Records from a data collection>
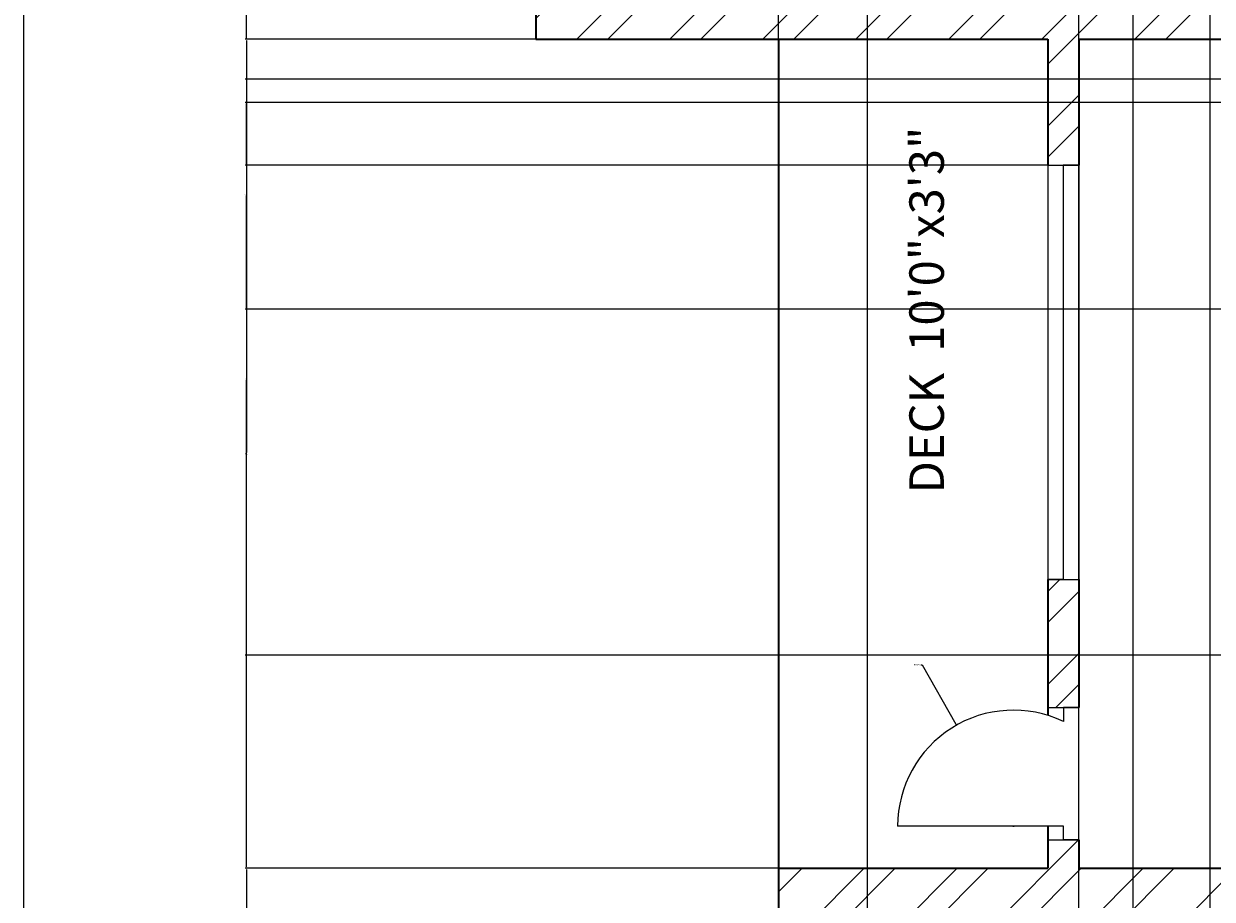
# Model space of a CAD drawing. Units: inches. Extents: x 1748 to 2382, y 1346 to 2284.
# Tile 7 of 26: x 1748 to 1920, y 1730 to 1857. Entities that reach past the tile are written whole.
import ezdxf

# ---------------------------------------------------------------- set-up
doc = ezdxf.new("R2010")
doc.units = ezdxf.units.IN
for name, color, linetype, lineweight in [('A-ANNO-DIMS', 2, 'Continuous', 18), ('A-ANNO-TTLB', 7, 'Continuous', 25), ('A-AREA-IDEN', 7, 'Continuous', 18), ('A-DOOR', 21, 'Continuous', 18), ('A-GLAZ', 191, 'Continuous', 18), ('A-WALL', 7, 'Continuous', 35), ('A-WALL-PATT', 9, 'Continuous', 13)]:
    doc.layers.add(name, color=color, linetype=linetype, lineweight=lineweight)
doc.styles.get("Standard").update_dxf_attribs({"font": 'arial.ttf'})
doc.dimstyles.get("Standard").update_dxf_attribs({"dimtxt": 0.18, "dimasz": 0.18, "dimexe": 0.18, "dimexo": 0.0625, "dimgap": 0.09, "dimtad": 0, "dimtih": 1, "dimtoh": 1, "dimdec": 4, "dimzin": 0, "dimdsep": 46, "dimtxsty": 'Standard', "dimcen": 0.09, "dimadec": 0, "dimazin": 0, "dimtfac": 1, "dimtdec": 4, "dimtofl": 0, "dimtmove": 0, "dimatfit": 3, "dimfxl": 1, "dimtolj": 1, "dimtzin": 0, "dimarcsym": 0})

# ---------------------------------------------------------------- blocks, each defined once
blk = doc.blocks.new('*D41')
at = {"layer": 'A-ANNO-DIMS', "color": 0, "lineweight": -2, "transparency": 16777216}
for p, q in [((1821.96, 1854.91), (1821.96, 2274.93)), ((1822.14, 2274.75), (1839.16, 2274.75)), ((1856.96, 2274.75), (1839.95, 2274.75)), ((1857.14, 1854.91), (1857.14, 2274.93))]:
    blk.add_line(p, q, dxfattribs=at)
at = {"layer": 'A-ANNO-DIMS', "color": 0, "transparency": 16777216}
for points in [[(1822.14, 2274.78), (1822.14, 2274.72), (1821.96, 2274.75)], [(1856.96, 2274.78), (1856.96, 2274.72), (1857.14, 2274.75)]]:
    blk.add_solid(points, dxfattribs=at)
at = {"layer": 'Defpoints', "color": 0, "transparency": 16777216}
for p in [(1857.14, 2274.75), (1821.96, 1854.85), (1857.14, 1854.85)]:
    blk.add_point(p, dxfattribs=at)
at = {"layer": 'A-ANNO-DIMS', "color": 0, "transparency": 16777216, "insert": (1839.55, 2274.75), "char_height": 0.18, "attachment_point": 5}
blk.add_mtext('\\A1;35.18', dxfattribs=at)
blk = doc.blocks.new('*D43')
at = {"layer": 'A-ANNO-DIMS', "color": 0, "lineweight": -2, "transparency": 16777216}
for p, q in [((1857.08, 1854.85), (1779.88, 1854.85)), ((1780.06, 1854.67), (1780.06, 1795.03)), ((1780.06, 1735.03), (1780.06, 1794.67)), ((1857.08, 1734.85), (1779.88, 1734.85))]:
    blk.add_line(p, q, dxfattribs=at)
at = {"layer": 'A-ANNO-DIMS', "color": 0, "transparency": 16777216}
for points in [[(1780.03, 1854.67), (1780.09, 1854.67), (1780.06, 1854.85)], [(1780.03, 1735.03), (1780.09, 1735.03), (1780.06, 1734.85)]]:
    blk.add_solid(points, dxfattribs=at)
at = {"layer": 'Defpoints', "color": 0, "transparency": 16777216}
for p in [(1780.06, 1854.85), (1857.14, 1854.85), (1857.14, 1734.85)]:
    blk.add_point(p, dxfattribs=at)
at = {"layer": 'A-ANNO-DIMS', "color": 0, "transparency": 16777216, "insert": (1780.06, 1794.85), "char_height": 0.18, "attachment_point": 5}
blk.add_mtext('\\A1;120', dxfattribs=at)
blk = doc.blocks.new('*D44')
at = {"layer": 'A-ANNO-DIMS', "color": 0, "lineweight": -2, "transparency": 16777216}
for p, q in [((1821.9, 1892.79), (1779.88, 1892.79)), ((1780.06, 1892.61), (1780.06, 1874)), ((1780.06, 1855.03), (1780.06, 1873.64)), ((1821.9, 1854.85), (1779.88, 1854.85))]:
    blk.add_line(p, q, dxfattribs=at)
at = {"layer": 'A-ANNO-DIMS', "color": 0, "transparency": 16777216}
for points in [[(1780.03, 1892.61), (1780.09, 1892.61), (1780.06, 1892.79)], [(1780.03, 1855.03), (1780.09, 1855.03), (1780.06, 1854.85)]]:
    blk.add_solid(points, dxfattribs=at)
at = {"layer": 'Defpoints', "color": 0, "transparency": 16777216}
for p in [(1780.06, 1892.79), (1821.96, 1892.79), (1821.96, 1854.85)]:
    blk.add_point(p, dxfattribs=at)
at = {"layer": 'A-ANNO-DIMS', "color": 0, "transparency": 16777216, "insert": (1780.06, 1873.82), "char_height": 0.18, "attachment_point": 5}
blk.add_mtext('\\A1;37.94', dxfattribs=at)
blk = doc.blocks.new('*D48')
at = {"layer": 'A-ANNO-DIMS', "color": 0, "lineweight": -2, "transparency": 16777216}
for p, q in [((2130.9, 1849.07), (1779.88, 1849.07)), ((1780.06, 1848.89), (1780.06, 1832.62)), ((1780.06, 1815.98), (1780.06, 1832.25)), ((2130.9, 1815.8), (1779.88, 1815.8))]:
    blk.add_line(p, q, dxfattribs=at)
at = {"layer": 'A-ANNO-DIMS', "color": 0, "transparency": 16777216}
for points in [[(1780.03, 1848.89), (1780.09, 1848.89), (1780.06, 1849.07)], [(1780.03, 1815.98), (1780.09, 1815.98), (1780.06, 1815.8)]]:
    blk.add_solid(points, dxfattribs=at)
at = {"layer": 'Defpoints', "color": 0, "transparency": 16777216}
for p in [(1780.06, 1849.07), (2130.96, 1849.07), (2130.96, 1815.8)]:
    blk.add_point(p, dxfattribs=at)
at = {"layer": 'A-ANNO-DIMS', "color": 0, "transparency": 16777216, "insert": (1780.06, 1832.43), "char_height": 0.18, "attachment_point": 5}
blk.add_mtext('\\A1;33.27', dxfattribs=at)
blk = doc.blocks.new('*D50')
at = {"layer": 'A-ANNO-DIMS', "color": 0, "lineweight": -2, "transparency": 16777216}
for p, q in [((1869.96, 2223.79), (1869.96, 1360.47)), ((1908.44, 2223.79), (1908.44, 1360.47)), ((1870.14, 1360.65), (1888.81, 1360.65)), ((1908.26, 1360.65), (1889.6, 1360.65))]:
    blk.add_line(p, q, dxfattribs=at)
at = {"layer": 'A-ANNO-DIMS', "color": 0, "transparency": 16777216}
for points in [[(1870.14, 1360.68), (1870.14, 1360.62), (1869.96, 1360.65)], [(1908.26, 1360.68), (1908.26, 1360.62), (1908.44, 1360.65)]]:
    blk.add_solid(points, dxfattribs=at)
at = {"layer": 'Defpoints', "color": 0, "transparency": 16777216}
for p in [(1869.96, 2223.85), (1908.44, 2223.85), (1908.44, 1360.65)]:
    blk.add_point(p, dxfattribs=at)
at = {"layer": 'A-ANNO-DIMS', "color": 0, "transparency": 16777216, "insert": (1889.2, 1360.65), "char_height": 0.18, "attachment_point": 5}
blk.add_mtext('\\A1;38.48', dxfattribs=at)
blk = doc.blocks.new('*D60')
at = {"layer": 'A-ANNO-DIMS', "color": 0, "lineweight": -2, "transparency": 16777216}
for p, q in [((2206.01, 1845.68), (1779.88, 1845.68)), ((1780.06, 1845.5), (1780.06, 1805.86)), ((1780.06, 1765.86), (1780.06, 1805.5)), ((2206.01, 1765.68), (1779.88, 1765.68))]:
    blk.add_line(p, q, dxfattribs=at)
at = {"layer": 'A-ANNO-DIMS', "color": 0, "transparency": 16777216}
for points in [[(1780.03, 1845.5), (1780.09, 1845.5), (1780.06, 1845.68)], [(1780.03, 1765.86), (1780.09, 1765.86), (1780.06, 1765.68)]]:
    blk.add_solid(points, dxfattribs=at)
at = {"layer": 'Defpoints', "color": 0, "transparency": 16777216}
for p in [(1780.06, 1845.68), (2206.07, 1845.68), (2206.07, 1765.68)]:
    blk.add_point(p, dxfattribs=at)
at = {"layer": 'A-ANNO-DIMS', "color": 0, "transparency": 16777216, "insert": (1780.06, 1805.68), "char_height": 0.18, "attachment_point": 5}
blk.add_mtext('\\A1;80', dxfattribs=at)
blk = doc.blocks.new('*D64')
at = {"layer": 'A-ANNO-DIMS', "color": 0, "lineweight": -2, "transparency": 16777216}
for p, q in [((1900.64, 1476.91), (1900.64, 2274.93)), ((1900.82, 2274.75), (1909.7, 2274.75)), ((1919.5, 2274.75), (1910.62, 2274.75)), ((1919.68, 1476.91), (1919.68, 2274.93))]:
    blk.add_line(p, q, dxfattribs=at)
at = {"layer": 'A-ANNO-DIMS', "color": 0, "transparency": 16777216}
for points in [[(1900.82, 2274.78), (1900.82, 2274.72), (1900.64, 2274.75)], [(1919.5, 2274.78), (1919.5, 2274.72), (1919.68, 2274.75)]]:
    blk.add_solid(points, dxfattribs=at)
at = {"layer": 'Defpoints', "color": 0, "transparency": 16777216}
for p in [(1919.68, 2274.75), (1900.64, 1476.85), (1919.68, 1476.85)]:
    blk.add_point(p, dxfattribs=at)
at = {"layer": 'A-ANNO-DIMS', "color": 0, "transparency": 16777216, "insert": (1910.16, 2274.75), "char_height": 0.18, "attachment_point": 5}
blk.add_mtext('\\A1;19.035', dxfattribs=at)
blk = doc.blocks.new('*D70')
at = {"layer": 'A-ANNO-DIMS', "color": 0, "lineweight": -2, "transparency": 16777216}
for p, q in [((1896.08, 1854.85), (1779.88, 1854.85)), ((1780.06, 1854.67), (1780.06, 1845.93)), ((1780.06, 1836.82), (1780.06, 1845.57)), ((1896.08, 1836.64), (1779.88, 1836.64))]:
    blk.add_line(p, q, dxfattribs=at)
at = {"layer": 'A-ANNO-DIMS', "color": 0, "transparency": 16777216}
for points in [[(1780.03, 1854.67), (1780.09, 1854.67), (1780.06, 1854.85)], [(1780.03, 1836.82), (1780.09, 1836.82), (1780.06, 1836.64)]]:
    blk.add_solid(points, dxfattribs=at)
at = {"layer": 'Defpoints', "color": 0, "transparency": 16777216}
for p in [(1780.06, 1854.85), (1896.14, 1854.85), (1896.14, 1836.64)]:
    blk.add_point(p, dxfattribs=at)
at = {"layer": 'A-ANNO-DIMS', "color": 0, "transparency": 16777216, "insert": (1780.06, 1845.75), "char_height": 0.18, "attachment_point": 5}
blk.add_mtext('\\A1;18.205', dxfattribs=at)
blk = doc.blocks.new('*D71')
at = {"layer": 'A-ANNO-DIMS', "color": 0, "lineweight": -2, "transparency": 16777216}
for p, q in [((1857.08, 1734.85), (1779.88, 1734.85)), ((1780.06, 1734.67), (1780.06, 1723.97)), ((1780.06, 1712.9), (1780.06, 1723.61)), ((1896.08, 1712.72), (1779.88, 1712.72))]:
    blk.add_line(p, q, dxfattribs=at)
at = {"layer": 'A-ANNO-DIMS', "color": 0, "transparency": 16777216}
for points in [[(1780.03, 1734.67), (1780.09, 1734.67), (1780.06, 1734.85)], [(1780.03, 1712.9), (1780.09, 1712.9), (1780.06, 1712.72)]]:
    blk.add_solid(points, dxfattribs=at)
at = {"layer": 'Defpoints', "color": 0, "transparency": 16777216}
for p in [(1780.06, 1734.85), (1857.14, 1734.85), (1896.14, 1712.72)]:
    blk.add_point(p, dxfattribs=at)
at = {"layer": 'A-ANNO-DIMS', "color": 0, "transparency": 16777216, "insert": (1780.06, 1723.79), "char_height": 0.18, "attachment_point": 5}
blk.add_mtext('\\A1;22.127', dxfattribs=at)
blk = doc.blocks.new('*D97')
at = {"layer": 'A-ANNO-DIMS', "color": 0, "lineweight": -2, "transparency": 16777216}
for p, q in [((1877.75, 1764.3), (1877.93, 1764.3)), ((1877.93, 1764.3), (1882.8, 1755.7)), ((1891.08, 1740.95), (1891.26, 1740.95)), ((1891.17, 1740.86), (1891.17, 1741.04))]:
    blk.add_line(p, q, dxfattribs=at)
at = {"layer": 'A-ANNO-DIMS', "color": 0, "transparency": 16777216}
blk.add_solid([(1882.83, 1755.71), (1882.78, 1755.68), (1882.89, 1755.54)], dxfattribs=at)
at = {"layer": 'Defpoints', "color": 0, "transparency": 16777216}
for p in [(1882.89, 1755.54), (1891.17, 1740.95)]:
    blk.add_point(p, dxfattribs=at)
at = {"layer": 'A-ANNO-DIMS', "color": 0, "transparency": 16777216, "insert": (1877.2, 1764.3), "char_height": 0.18, "attachment_point": 5}
blk.add_mtext('\\A1;R16.776', dxfattribs=at)

msp = doc.modelspace()

# ---------------------------------------------------------------- hatches: boundary and pattern name
at = {"layer": 'A-WALL-PATT'}
h = msp.add_hatch(dxfattribs=at)
h.set_pattern_fill('ANSI32', color=256)
h.paths.add_polyline_path([(1908.4445, 2232.8497), (1821.9607, 2232.8497), (1821.9607, 2223.8497), (1865.4607, 2223.8497), (1865.4607, 2209.9185), (1869.9607, 2209.9185), (1869.9607, 2223.8497), (1908.4445, 2223.8497), (1908.4445, 2228.3497)])
h.paths.add_polyline_path([(2040.0683, 2232.8497), (1968.4445, 2232.8497), (1968.4445, 2223.8497), (2025.9607, 2223.8497), (2025.9607, 2130.3497), (2032.1341, 2130.3497), (2032.1341, 2132.5997), (2032.1341, 2134.8497), (2030.4607, 2134.8497), (2030.4607, 2223.8497), (2040.0683, 2223.8497)])
h.paths.add_polyline_path([(2091.3969, 2232.8497), (2064.0683, 2232.8497), (2064.0683, 2223.8497), (2078.4607, 2223.8497), (2078.4607, 2134.8497), (2051.1563, 2134.8497), (2051.1563, 2130.3497), (2078.4607, 2130.3497), (2078.4607, 2128.6813), (2082.9607, 2128.6813), (2082.9607, 2130.3497), (2086.1879, 2130.3497), (2086.1879, 2132.5997), (2086.1879, 2134.8497), (2082.9607, 2134.8497), (2082.9607, 2223.8497), (2091.3969, 2223.8497), (2091.3969, 2228.3497)])
h.paths.add_polyline_path([(2167.0164, 2232.8497), (2115.3969, 2232.8497), (2115.3969, 2223.8497), (2130.9607, 2223.8497), (2130.9607, 2134.8497), (2106.9607, 2134.8497), (2106.9607, 2130.3497), (2135.4607, 2130.3497), (2135.4607, 2223.8497), (2167.0164, 2223.8497), (2167.0164, 2228.3497)])
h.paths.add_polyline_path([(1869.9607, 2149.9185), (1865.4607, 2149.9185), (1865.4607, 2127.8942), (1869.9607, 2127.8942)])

Task requirements>
Starting at the line with "2223.8497), (2040.0683, 2223.8497)])", copy every line up to and including the last one in the entries above.

Output of the exercise>
h.paths.add_polyline_path([(2040.0683, 2232.8497), (1968.4445, 2232.8497), (1968.4445, 2223.8497), (2025.9607, 2223.8497), (2025.9607, 2130.3497), (2032.1341, 2130.3497), (2032.1341, 2132.5997), (2032.1341, 2134.8497), (2030.4607, 2134.8497), (2030.4607, 2223.8497), (2040.0683, 2223.8497)])
h.paths.add_polyline_path([(2091.3969, 2232.8497), (2064.0683, 2232.8497), (2064.0683, 2223.8497), (2078.4607, 2223.8497), (2078.4607, 2134.8497), (2051.1563, 2134.8497), (2051.1563, 2130.3497), (2078.4607, 2130.3497), (2078.4607, 2128.6813), (2082.9607, 2128.6813), (2082.9607, 2130.3497), (2086.1879, 2130.3497), (2086.1879, 2132.5997), (2086.1879, 2134.8497), (2082.9607, 2134.8497), (2082.9607, 2223.8497), (2091.3969, 2223.8497), (2091.3969, 2228.3497)])
h.paths.add_polyline_path([(2167.0164, 2232.8497), (2115.3969, 2232.8497), (2115.3969, 2223.8497), (2130.9607, 2223.8497), (2130.9607, 2134.8497), (2106.9607, 2134.8497), (2106.9607, 2130.3497), (2135.4607, 2130.3497), (2135.4607, 2223.8497), (2167.0164, 2223.8497), (2167.0164, 2228.3497)])
h.paths.add_polyline_path([(1869.9607, 2149.9185), (1865.4607, 2149.9185), (1865.4607, 2127.8942), (1869.9607, 2127.8942)])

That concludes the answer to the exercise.